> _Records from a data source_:
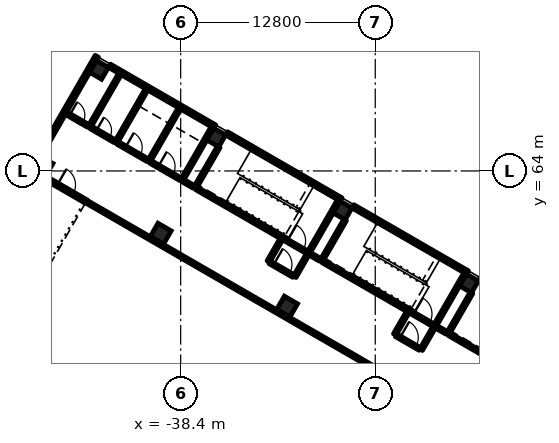
"""IFC4 building model, lengths in metres.
Left out: names, types, materials, properties, quantities, classifications, styles, units other than length and angle.
Written with IfcOpenShell. Run it as: python <this file> out.ifc"""

import sys

from ifc_helpers import new_model, si_unit, direction, frame, frame_2d, origin, origin_2d, place, context, subcontext, project, spatial, rectangle, extrude, element, fill, save


model = new_model("IFC4")
c1 = context("Model", 3, precision=1e-05, world=origin(), true_north=direction((0.0, 1.0)))
c2 = subcontext(c1, "Body", "Model", "MODEL_VIEW")
j1 = project(units=[si_unit("LENGTHUNIT", "METRE"), si_unit("PLANEANGLEUNIT", "RADIAN")], contexts=[c1])
p1 = place(None, origin())
s1 = spatial("IfcSite", under=j1, at=p1, CompositionType="ELEMENT")
p2 = place(p1, origin())
s2 = spatial("IfcBuilding", under=s1, at=p2, CompositionType="ELEMENT")
p3 = place(p2, frame((0.0, 0.0, 6.0)))
s3 = spatial("IfcBuildingStorey", under=s2, at=p3, CompositionType="ELEMENT", Elevation=6.0)
for number, where, z_axis, x_axis in (
    (1, (-19.432, 56.599, 0.0), (0.0, 0.0, 1.0), (-0.5, -0.866, 0.0)),
    (2, (-27.746, 61.399, 0.0), (0.0, 0.0, 1.0), (-0.5, -0.866, 0.0)),
    (3, (-36.06, 66.199, 0.0), (0.0, 0.0, 1.0), (-0.5, -0.866, 0.0)),
    (4, (-43.767, 70.649, 0.0), (0.0, 0.0, 1.0), (-0.5, -0.866, 0.0)),
):
    element("IfcColumn", number, at=place(p3, frame(where, z_axis=z_axis, x_axis=x_axis)), inside=s3, PredefinedType="COLUMN", context=c2, shape_type="SweptSolid", body=[
        extrude(rectangle(XDim=0.9, YDim=0.9, at=origin_2d()), origin(), (0.0, 0.0, 1.0), 5.4),
    ])
for number, where, z_axis, x_axis in (
    (5, (-31.396, 55.077, 0.0), (0.0, 0.0, 1.0), (-0.5, -0.866, 0.0)),
    (6, (-39.71, 59.877, 0.0), (0.0, 0.0, 1.0), (-0.5, -0.866, 0.0)),
):
    element("IfcColumn", number, at=place(p3, frame(where, z_axis=z_axis, x_axis=x_axis)), inside=s3, PredefinedType="COLUMN", context=c2, shape_type="SweptSolid", body=[
        extrude(rectangle(XDim=1.0, YDim=1.0, at=origin_2d()), origin(), (0.0, 0.0, 1.0), 5.4),
    ])
p4 = place(p3, frame((-47.417, 64.327, 0.0), z_axis=(0.0, 0.0, 1.0), x_axis=(-0.5, -0.866025403784, 0.0)))
e7 = element("IfcColumn", 7, at=p4, inside=s3, PredefinedType="COLUMN", context=c2, shape_type="SweptSolid", body=[
    extrude(rectangle(XDim=0.9, YDim=0.9, at=origin_2d()), origin(), (0.0, 0.0, 1.0), 5.4),
])
p5 = place(p3, frame((-49.071, 62.612, 0.0), z_axis=(0.0, 0.0, 1.0), x_axis=(0.500001855621, 0.866024332438, 0.0)))
e8 = element("IfcWall", 8, at=p5, inside=s3, PredefinedType="SOLIDWALL", context=c2, shape_type="SweptSolid", body=[
    extrude(rectangle(XDim=10.312, YDim=0.25, at=frame_2d((5.156, 0.0))), origin(), (0.0, 0.0, 1.0), 5.1),
])
p6 = place(p3, frame((-18.755, 56.872, 0.0), z_axis=(0.0, 0.0, 1.0), x_axis=(0.866027159341, -0.499996959274, 0.0)))
e9 = element("IfcWall", 9, at=p6, inside=s3, PredefinedType="SOLIDWALL", context=c2, shape_type="SweptSolid", body=[
    extrude(rectangle(XDim=11.625, YDim=0.25, at=frame_2d((5.812, 0.0))), origin(), (0.0, 0.0, 1.0), 5.1),
])
p7 = place(p3, frame((-27.069, 61.672, 0.0), z_axis=(0.0, 0.0, 1.0), x_axis=(0.866021068297, -0.500007509209, 0.0)))
e10 = element("IfcWall", 10, at=p7, inside=s3, PredefinedType="SOLIDWALL", context=c2, shape_type="SweptSolid", body=[
    extrude(rectangle(XDim=8.6, YDim=0.25, at=frame_2d((4.3, 0.0))), origin(), (0.0, 0.0, 1.0), 5.1),
])
p8 = place(p3, frame((-35.383, 66.472, 0.0), z_axis=(0.0, 0.0, 1.0), x_axis=(0.866028165386, -0.499995216735, 0.0)))
e11 = element("IfcWall", 11, at=p8, inside=s3, PredefinedType="SOLIDWALL", context=c2, shape_type="SweptSolid", body=[
    extrude(rectangle(XDim=8.6, YDim=0.25, at=frame_2d((4.3, 0.0))), origin(), (0.0, 0.0, 1.0), 5.1),
])
p9 = place(p3, frame((-43.09, 70.922, 0.0), z_axis=(0.0, 0.0, 1.0), x_axis=(0.866026562566, -0.499997992926, 0.0)))
e12 = element("IfcWall", 12, at=p9, inside=s3, PredefinedType="SOLIDWALL", context=c2, shape_type="SweptSolid", body=[
    extrude(rectangle(XDim=7.9, YDim=0.25, at=frame_2d((3.95, 0.0))), origin(), (0.0, 0.0, 1.0), 5.1),
])
p10 = place(p3, frame((-19.621, 57.372, 0.0), z_axis=(0.0, 0.0, 1.0), x_axis=(0.867038199201, -0.4982416694, 0.0)))
e13 = element("IfcWall", 13, at=p10, inside=s3, PredefinedType="SOLIDWALL", context=c2, shape_type="SweptSolid", body=[
    extrude(rectangle(XDim=0.1, YDim=0.25, at=frame_2d((0.05, 0.0))), origin(), (0.0, 0.0, 1.0), 5.1),
])
for number, where, z_axis, x_axis in (
    (14, (-27.935, 62.172, 0.0), (0.0, 0.0, 1.0), (0.866, -0.5, 0.0)),
    (15, (-36.249, 66.972, 0.0), (0.0, 0.0, 1.0), (0.866, -0.5, 0.0)),
):
    element("IfcWall", number, at=place(p3, frame(where, z_axis=z_axis, x_axis=x_axis)), inside=s3, PredefinedType="SOLIDWALL", context=c2, shape_type="SweptSolid", body=[
        extrude(rectangle(XDim=0.1, YDim=0.25, at=frame_2d((0.05, 0.0))), origin(), (0.0, 0.0, 1.0), 5.1),
    ])
p11 = place(p3, frame((-19.267, 55.984, 0.0), z_axis=(0.0, 0.0, 1.0), x_axis=(-0.49999285859, -0.86602952684, 0.0)))
e16 = element("IfcWall", 16, at=p11, inside=s3, PredefinedType="SOLIDWALL", context=c2, shape_type="SweptSolid", body=[
    extrude(rectangle(XDim=3.1, YDim=0.2, at=frame_2d((1.55, 0.0))), origin(), (0.0, 0.0, 1.0), 5.1),
])
p12 = place(p3, frame((-19.683, 57.263, 0.0), z_axis=(0.0, 0.0, 1.0), x_axis=(-0.49999894854, -0.866026010844, 0.0)))
e17 = element("IfcWall", 17, at=p12, inside=s3, PredefinedType="SOLIDWALL", context=c2, shape_type="SweptSolid", body=[
    extrude(rectangle(XDim=4.0, YDim=0.2, at=frame_2d((2.0, 0.0))), origin(), (0.0, 0.0, 1.0), 5.1),
])
p13 = place(p3, frame((-27.581, 60.784, 0.0), z_axis=(0.0, 0.0, 1.0), x_axis=(-0.49999285859, -0.86602952684, 0.0)))
e18 = element("IfcWall", 18, at=p13, inside=s3, PredefinedType="SOLIDWALL", context=c2, shape_type="SweptSolid", body=[
    extrude(rectangle(XDim=3.1, YDim=0.2, at=frame_2d((1.55, 0.0))), origin(), (0.0, 0.0, 1.0), 5.1),
])
p14 = place(p3, frame((-27.997, 62.063, 0.0), z_axis=(0.0, 0.0, 1.0), x_axis=(-0.49999894854, -0.866026010844, 0.0)))
e19 = element("IfcWall", 19, at=p14, inside=s3, PredefinedType="SOLIDWALL", context=c2, shape_type="SweptSolid", body=[
    extrude(rectangle(XDim=4.0, YDim=0.2, at=frame_2d((2.0, 0.0))), origin(), (0.0, 0.0, 1.0), 5.1),
])
p15 = place(p3, frame((-35.895, 65.584, 0.0), z_axis=(0.0, 0.0, 1.0), x_axis=(-0.500026960575, -0.86600983753, 0.0)))
e20 = element("IfcWall", 20, at=p15, inside=s3, PredefinedType="SOLIDWALL", context=c2, shape_type="SweptSolid", body=[
    extrude(rectangle(XDim=3.1, YDim=0.2, at=frame_2d((1.55, 0.0))), origin(), (0.0, 0.0, 1.0), 5.1),
])
p16 = place(p3, frame((-14.972, 49.924, 0.0), z_axis=(0.0, 0.0, 1.0), x_axis=(-0.86601134256, 0.500024353964, 0.0)))
e21 = element("IfcWall", 21, at=p16, inside=s3, PredefinedType="SOLIDWALL", context=c2, shape_type="SweptSolid", body=[
    extrude(rectangle(XDim=6.65, YDim=0.2, at=frame_2d((3.325, 0.0))), origin(), (0.0, 0.0, 1.0), 5.1),
])
p17 = place(p3, frame((-23.285, 54.724, 0.0), z_axis=(0.0, 0.0, 1.0), x_axis=(0.866002029911, -0.500040482552, 0.0)))
e22 = element("IfcWall", 22, at=p17, inside=s3, PredefinedType="SOLIDWALL", context=c2, shape_type="SweptSolid", body=[
    extrude(rectangle(XDim=1.75, YDim=0.2, at=frame_2d((0.875, 0.0))), origin(), (0.0, 0.0, 1.0), 5.1),
])
p18 = place(p17, frame((0.25, 0.0, 0.0)))
e23 = element("IfcOpeningElement", 23, at=p18, cuts=e22, PredefinedType="OPENING", context=c2, shape_type="SweptSolid", body=[
    extrude(rectangle(XDim=1.2, YDim=2.1, at=frame_2d((0.6, 1.05))), frame((0.0, 0.11, 0.0), z_axis=(0.0, -1.0, 0.0), x_axis=(1.0, 0.0, 0.0)), (0.0, 0.0, 1.0), 0.22),
])
p19 = place(p3, frame((-23.285, 54.724, 0.0), z_axis=(0.0, 0.0, 1.0), x_axis=(-0.866027239912, 0.49999681972, 0.0)))
e24 = element("IfcWall", 24, at=p19, inside=s3, PredefinedType="SOLIDWALL", context=c2, shape_type="SweptSolid", body=[
    extrude(rectangle(XDim=6.65, YDim=0.2, at=frame_2d((3.325, 0.0))), origin(), (0.0, 0.0, 1.0), 5.1),
])
p20 = place(p3, frame((-31.599, 59.524, 0.0), z_axis=(0.0, 0.0, 1.0), x_axis=(0.866036909293, -0.499980071345, 0.0)))
e25 = element("IfcWall", 25, at=p20, inside=s3, PredefinedType="SOLIDWALL", context=c2, shape_type="SweptSolid", body=[
    extrude(rectangle(XDim=1.75, YDim=0.2, at=frame_2d((0.875, 0.0))), origin(), (0.0, 0.0, 1.0), 5.1),
])
p21 = place(p20, frame((0.25, 0.0, 0.0)))
e26 = element("IfcOpeningElement", 26, at=p21, cuts=e25, PredefinedType="OPENING", context=c2, shape_type="SweptSolid", body=[
    extrude(rectangle(XDim=1.2, YDim=2.1, at=frame_2d((0.6, 1.05))), frame((0.0, 0.11, 0.0), z_axis=(0.0, -1.0, 0.0), x_axis=(1.0, 0.0, 0.0)), (0.0, 0.0, 1.0), 0.22),
])
p22 = place(p3, frame((-31.599, 59.524, 0.0), z_axis=(0.0, 0.0, 1.0), x_axis=(-0.866027239912, 0.49999681972, 0.0)))
e27 = element("IfcWall", 27, at=p22, inside=s3, PredefinedType="SOLIDWALL", context=c2, shape_type="SweptSolid", body=[
    extrude(rectangle(XDim=6.65, YDim=0.2, at=frame_2d((3.325, 0.0))), origin(), (0.0, 0.0, 1.0), 5.1),
])
for number, where, z_axis, x_axis in (
    (28, (-36.311, 66.864, 0.0), (0.0, 0.0, 1.0), (-0.5, -0.866, 0.0)),
    (29, (-38.476, 68.114, 0.0), (0.0, 0.0, 1.0), (-0.5, -0.866, 0.0)),
    (30, (-40.641, 69.364, 0.0), (0.0, 0.0, 1.0), (-0.5, -0.866, 0.0)),
):
    element("IfcWall", number, at=place(p3, frame(where, z_axis=z_axis, x_axis=x_axis)), inside=s3, PredefinedType="SOLIDWALL", context=c2, shape_type="SweptSolid", body=[
        extrude(rectangle(XDim=4.0, YDim=0.2, at=frame_2d((2.0, 0.0))), origin(), (0.0, 0.0, 1.0), 5.1),
    ])
p23 = place(p3, frame((-40.389, 64.599, 0.0), z_axis=(0.0, 0.0, 1.0), x_axis=(0.86602648383, -0.499998129301, 0.0)))
e31 = element("IfcWall", 31, at=p23, inside=s3, PredefinedType="SOLIDWALL", context=c2, shape_type="SweptSolid", body=[
    extrude(rectangle(XDim=2.3, YDim=0.2, at=frame_2d((1.15, 0.0))), origin(), (0.0, 0.0, 1.0), 5.1),
])
p24 = place(p23, frame((0.6, 0.0, 0.0)))
e32 = element("IfcOpeningElement", 32, at=p24, cuts=e31, PredefinedType="OPENING", context=c2, shape_type="SweptSolid", body=[
    extrude(rectangle(XDim=1.1, YDim=2.1, at=frame_2d((0.55, 1.05))), frame((0.0, 0.11, 0.0), z_axis=(0.0, -1.0, 0.0), x_axis=(1.0, 0.0, 0.0)), (0.0, 0.0, 1.0), 0.22),
])
p25 = place(p3, frame((-42.554, 65.849, 0.0), z_axis=(0.0, 0.0, 1.0), x_axis=(0.86602648383, -0.499998129301, 0.0)))
e33 = element("IfcWall", 33, at=p25, inside=s3, PredefinedType="SOLIDWALL", context=c2, shape_type="SweptSolid", body=[
    extrude(rectangle(XDim=2.3, YDim=0.2, at=frame_2d((1.15, 0.0))), origin(), (0.0, 0.0, 1.0), 5.1),
])
p26 = place(p25, frame((0.6, 0.0, 0.0)))
e34 = element("IfcOpeningElement", 34, at=p26, cuts=e33, PredefinedType="OPENING", context=c2, shape_type="SweptSolid", body=[
    extrude(rectangle(XDim=1.1, YDim=2.1, at=frame_2d((0.55, 1.05))), frame((0.0, 0.11, 0.0), z_axis=(0.0, -1.0, 0.0), x_axis=(1.0, 0.0, 0.0)), (0.0, 0.0, 1.0), 0.22),
])
p27 = place(p3, frame((-21.733, 53.713, 0.0), z_axis=(0.0, 0.0, 1.0), x_axis=(-0.499892348375, -0.866087547558, 0.0)))
e35 = element("IfcWall", 35, at=p27, inside=s3, PredefinedType="PARTITIONING", context=c2, shape_type="SweptSolid", body=[
    extrude(rectangle(XDim=1.7, YDim=0.2, at=frame_2d((0.85, 0.0))), origin(), (0.0, 0.0, 1.0), 4.5),
])
p28 = place(p3, frame((-23.465, 54.713, 0.0), z_axis=(0.0, 0.0, 1.0), x_axis=(-0.500000056704, -0.866025371046, 0.0)))
e36 = element("IfcWall", 36, at=p28, inside=s3, PredefinedType="PARTITIONING", context=c2, shape_type="SweptSolid", body=[
    extrude(rectangle(XDim=1.7, YDim=0.2, at=frame_2d((0.85, 0.0))), origin(), (0.0, 0.0, 1.0), 4.5),
])
for number, where, z_axis, x_axis in (
    (37, (-30.047, 58.513, 0.0), (0.0, 0.0, 1.0), (-0.5, -0.866, 0.0)),
    (38, (-31.779, 59.513, 0.0), (0.0, 0.0, 1.0), (-0.5, -0.866, 0.0)),
):
    element("IfcWall", number, at=place(p3, frame(where, z_axis=z_axis, x_axis=x_axis)), inside=s3, PredefinedType="PARTITIONING", context=c2, shape_type="SweptSolid", body=[
        extrude(rectangle(XDim=1.7, YDim=0.2, at=frame_2d((0.85, 0.0))), origin(), (0.0, 0.0, 1.0), 4.5),
    ])
p29 = place(p3, frame((-24.229, 53.19, 0.0), z_axis=(0.0, 0.0, 1.0), x_axis=(0.866047807691, -0.499961193289, 0.0)))
e39 = element("IfcWall", 39, at=p29, inside=s3, PredefinedType="PARTITIONING", context=c2, shape_type="SweptSolid", body=[
    extrude(rectangle(XDim=1.8, YDim=0.2, at=frame_2d((0.9, 0.0))), origin(), (0.0, 0.0, 1.0), 4.5),
])
p30 = place(p29, frame((0.3, 0.0, 0.0)))
e40 = element("IfcOpeningElement", 40, at=p30, cuts=e39, PredefinedType="OPENING", context=c2, shape_type="SweptSolid", body=[
    extrude(rectangle(XDim=1.2, YDim=2.1, at=frame_2d((0.6, 1.05))), frame((0.0, 0.11, 0.0), z_axis=(0.0, -1.0, 0.0), x_axis=(1.0, 0.0, 0.0)), (0.0, 0.0, 1.0), 0.22),
])
p31 = place(p3, frame((-32.542, 57.99, 0.0), z_axis=(0.0, 0.0, 1.0), x_axis=(0.866047807691, -0.499961193289, 0.0)))
e41 = element("IfcWall", 41, at=p31, inside=s3, PredefinedType="PARTITIONING", context=c2, shape_type="SweptSolid", body=[
    extrude(rectangle(XDim=1.8, YDim=0.2, at=frame_2d((0.9, 0.0))), origin(), (0.0, 0.0, 1.0), 4.5),
])
p32 = place(p31, frame((0.3, 0.0, 0.0)))
e42 = element("IfcOpeningElement", 42, at=p32, cuts=e41, PredefinedType="OPENING", context=c2, shape_type="SweptSolid", body=[
    extrude(rectangle(XDim=1.2, YDim=2.1, at=frame_2d((0.6, 1.05))), frame((0.0, 0.11, 0.0), z_axis=(0.0, -1.0, 0.0), x_axis=(1.0, 0.0, 0.0)), (0.0, 0.0, 1.0), 0.22),
])
p33 = place(p3, frame((-46.734, 63.21, 0.0), z_axis=(0.0, 0.0, 1.0), x_axis=(0.866057815567, -0.499943856944, 0.0)))
e43 = element("IfcWall", 43, at=p33, inside=s3, PredefinedType="SOLIDWALL", context=c2, shape_type="SweptSolid", body=[
    extrude(rectangle(XDim=2.45, YDim=0.25, at=frame_2d((1.225, 0.0))), origin(), (0.0, 0.0, 1.0), 4.5),
])
p34 = place(p33, frame((0.25, 0.0, 0.0)))
e44 = element("IfcOpeningElement", 44, at=p34, cuts=e43, PredefinedType="OPENING", context=c2, shape_type="SweptSolid", body=[
    extrude(rectangle(XDim=1.2, YDim=2.1, at=frame_2d((0.6, 1.05))), frame((0.0, 0.135, 0.0), z_axis=(0.0, -1.0, 0.0), x_axis=(1.0, 0.0, 0.0)), (0.0, 0.0, 1.0), 0.27),
])
p35 = place(p3, frame((-46.734, 63.21, 0.0), z_axis=(0.0, 0.0, 1.0), x_axis=(-0.865989903783, 0.500061482766, 0.0)))
e45 = element("IfcWall", 45, at=p35, inside=s3, PredefinedType="SOLIDWALL", context=c2, shape_type="SweptSolid", body=[
    extrude(rectangle(XDim=1.6, YDim=0.25, at=frame_2d((0.8, 0.0))), origin(), (0.0, 0.0, 1.0), 4.5),
])
p36 = place(p3, frame((-42.395, 70.376, 0.0), z_axis=(0.0, 0.0, 1.0), x_axis=(-0.49999894854, -0.866026010844, 0.0)))
e46 = element("IfcWall", 46, at=p36, inside=s3, PredefinedType="PARTITIONING", context=c2, shape_type="SweptSolid", body=[
    extrude(rectangle(XDim=4.0, YDim=0.2, at=frame_2d((2.0, 0.0))), origin(), (0.0, 0.0, 1.0), 4.5),
])
p37 = place(p3, frame((-44.308, 66.862, 0.0), z_axis=(0.0, 0.0, 1.0), x_axis=(0.866036312054, -0.499981105847, 0.0)))
e47 = element("IfcWall", 47, at=p37, inside=s3, PredefinedType="PARTITIONING", context=c2, shape_type="SweptSolid", body=[
    extrude(rectangle(XDim=1.825, YDim=0.2, at=frame_2d((0.912, 0.0))), origin(), (0.0, 0.0, 1.0), 4.5),
])
p38 = place(p37, frame((0.413, 0.0, 0.0)))
e48 = element("IfcOpeningElement", 48, at=p38, cuts=e47, PredefinedType="OPENING", context=c2, shape_type="SweptSolid", body=[
    extrude(rectangle(XDim=1.0, YDim=2.1, at=frame_2d((0.5, 1.05))), frame((0.0, 0.11, 0.0), z_axis=(0.0, -1.0, 0.0), x_axis=(1.0, 0.0, 0.0)), (0.0, 0.0, 1.0), 0.22),
])
p39 = place(p3, frame((-45.932, 67.799, 0.0), z_axis=(0.0, 0.0, 1.0), x_axis=(0.866027799164, -0.499995851058, 0.0)))
e49 = element("IfcWall", 49, at=p39, inside=s3, PredefinedType="PARTITIONING", context=c2, shape_type="SweptSolid", body=[
    extrude(rectangle(XDim=1.675, YDim=0.2, at=frame_2d((0.837, 0.0))), origin(), (0.0, 0.0, 1.0), 4.5),
])
p40 = place(p39, frame((0.262, 0.0, 0.0)))
e50 = element("IfcOpeningElement", 50, at=p40, cuts=e49, PredefinedType="OPENING", context=c2, shape_type="SweptSolid", body=[
    extrude(rectangle(XDim=1.0, YDim=2.1, at=frame_2d((0.5, 1.05))), frame((0.0, 0.11, 0.0), z_axis=(0.0, -1.0, 0.0), x_axis=(1.0, 0.0, 0.0)), (0.0, 0.0, 1.0), 0.22),
])
p41 = place(p3, frame((-20.904, 53.349, 0.0), z_axis=(0.0, 0.0, 1.0), x_axis=(-0.865961984968, 0.500109828528, 0.0)))
e51 = element("IfcWall", 51, at=p41, inside=s3, PredefinedType="PARTITIONING", context=c2, shape_type="SweptSolid", body=[
    extrude(rectangle(XDim=0.8, YDim=0.2, at=frame_2d((0.4, 0.0))), origin(), (0.0, 0.0, 1.0), 4.5),
])
p42 = place(p3, frame((-29.218, 58.149, 0.0), z_axis=(0.0, 0.0, 1.0), x_axis=(-0.866017831539, 0.500013115284, 0.0)))
e52 = element("IfcWall", 52, at=p42, inside=s3, PredefinedType="PARTITIONING", context=c2, shape_type="SweptSolid", body=[
    extrude(rectangle(XDim=0.8, YDim=0.2, at=frame_2d((0.4, 0.0))), origin(), (0.0, 0.0, 1.0), 4.5),
])
p43 = place(p3, frame((-37.531, 62.949, 0.0), z_axis=(0.0, 0.0, 1.0), x_axis=(-0.866094119867, 0.499880961361, 0.0)))
e53 = element("IfcWall", 53, at=p43, inside=s3, PredefinedType="PARTITIONING", context=c2, shape_type="SweptSolid", body=[
    extrude(rectangle(XDim=0.8, YDim=0.2, at=frame_2d((0.4, 0.0))), origin(), (0.0, 0.0, 1.0), 4.5),
])
p44 = place(p3, frame((-10.491, 42.285, 0.0), z_axis=(0.0, 0.0, 1.0), x_axis=(-0.866022857395, 0.50000441045, 0.0)))
e54 = element("IfcWall", 54, at=p44, inside=s3, PredefinedType="PARTITIONING", context=c2, shape_type="SweptSolid", body=[
    extrude(rectangle(XDim=39.4, YDim=0.2, at=frame_2d((19.7, 0.0))), origin(), (0.0, 0.0, 1.0), 4.5),
])
p45 = place(p18, origin())
e55 = element("IfcDoor", 55, at=p45, inside=s3, OperationType="SINGLE_SWING_LEFT", PredefinedType="DOOR", context=c2, shape_type="SweptSolid", body=[
    extrude(rectangle(XDim=1.2, YDim=2.1, at=frame_2d((0.6, 1.05))), frame((0.0, 0.025, 0.0), z_axis=(0.0, -1.0, 0.0), x_axis=(1.0, 0.0, 0.0)), (0.0, 0.0, 1.0), 0.05),
])
fill(e23, e55)
p46 = place(p21, origin())
e56 = element("IfcDoor", 56, at=p46, inside=s3, OperationType="SINGLE_SWING_LEFT", PredefinedType="DOOR", context=c2, shape_type="SweptSolid", body=[
    extrude(rectangle(XDim=1.2, YDim=2.1, at=frame_2d((0.6, 1.05))), frame((0.0, 0.025, 0.0), z_axis=(0.0, -1.0, 0.0), x_axis=(1.0, 0.0, 0.0)), (0.0, 0.0, 1.0), 0.05),
])
fill(e26, e56)
p47 = place(p24, origin())
e57 = element("IfcDoor", 57, at=p47, inside=s3, OperationType="DOUBLE_DOOR_SLIDING", PredefinedType="DOOR", context=c2, shape_type="SweptSolid", body=[
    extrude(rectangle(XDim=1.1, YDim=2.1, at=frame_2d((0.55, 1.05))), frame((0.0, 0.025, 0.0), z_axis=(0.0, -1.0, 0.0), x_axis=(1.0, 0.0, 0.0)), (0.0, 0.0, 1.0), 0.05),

> _Task_: Out of the entries above, write out only the lines between the line holding "x_axis=(-0.866094119867, 0.499880961361, 0.0)))" and the line holding "x_axis=(-0.866022857395, 0.50000441045, 0.0)))", inclusive, each exactly as given.

> _Result for this exercise_:
p43 = place(p3, frame((-37.531, 62.949, 0.0), z_axis=(0.0, 0.0, 1.0), x_axis=(-0.866094119867, 0.499880961361, 0.0)))
e53 = element("IfcWall", 53, at=p43, inside=s3, PredefinedType="PARTITIONING", context=c2, shape_type="SweptSolid", body=[
    extrude(rectangle(XDim=0.8, YDim=0.2, at=frame_2d((0.4, 0.0))), origin(), (0.0, 0.0, 1.0), 4.5),
])
p44 = place(p3, frame((-10.491, 42.285, 0.0), z_axis=(0.0, 0.0, 1.0), x_axis=(-0.866022857395, 0.50000441045, 0.0)))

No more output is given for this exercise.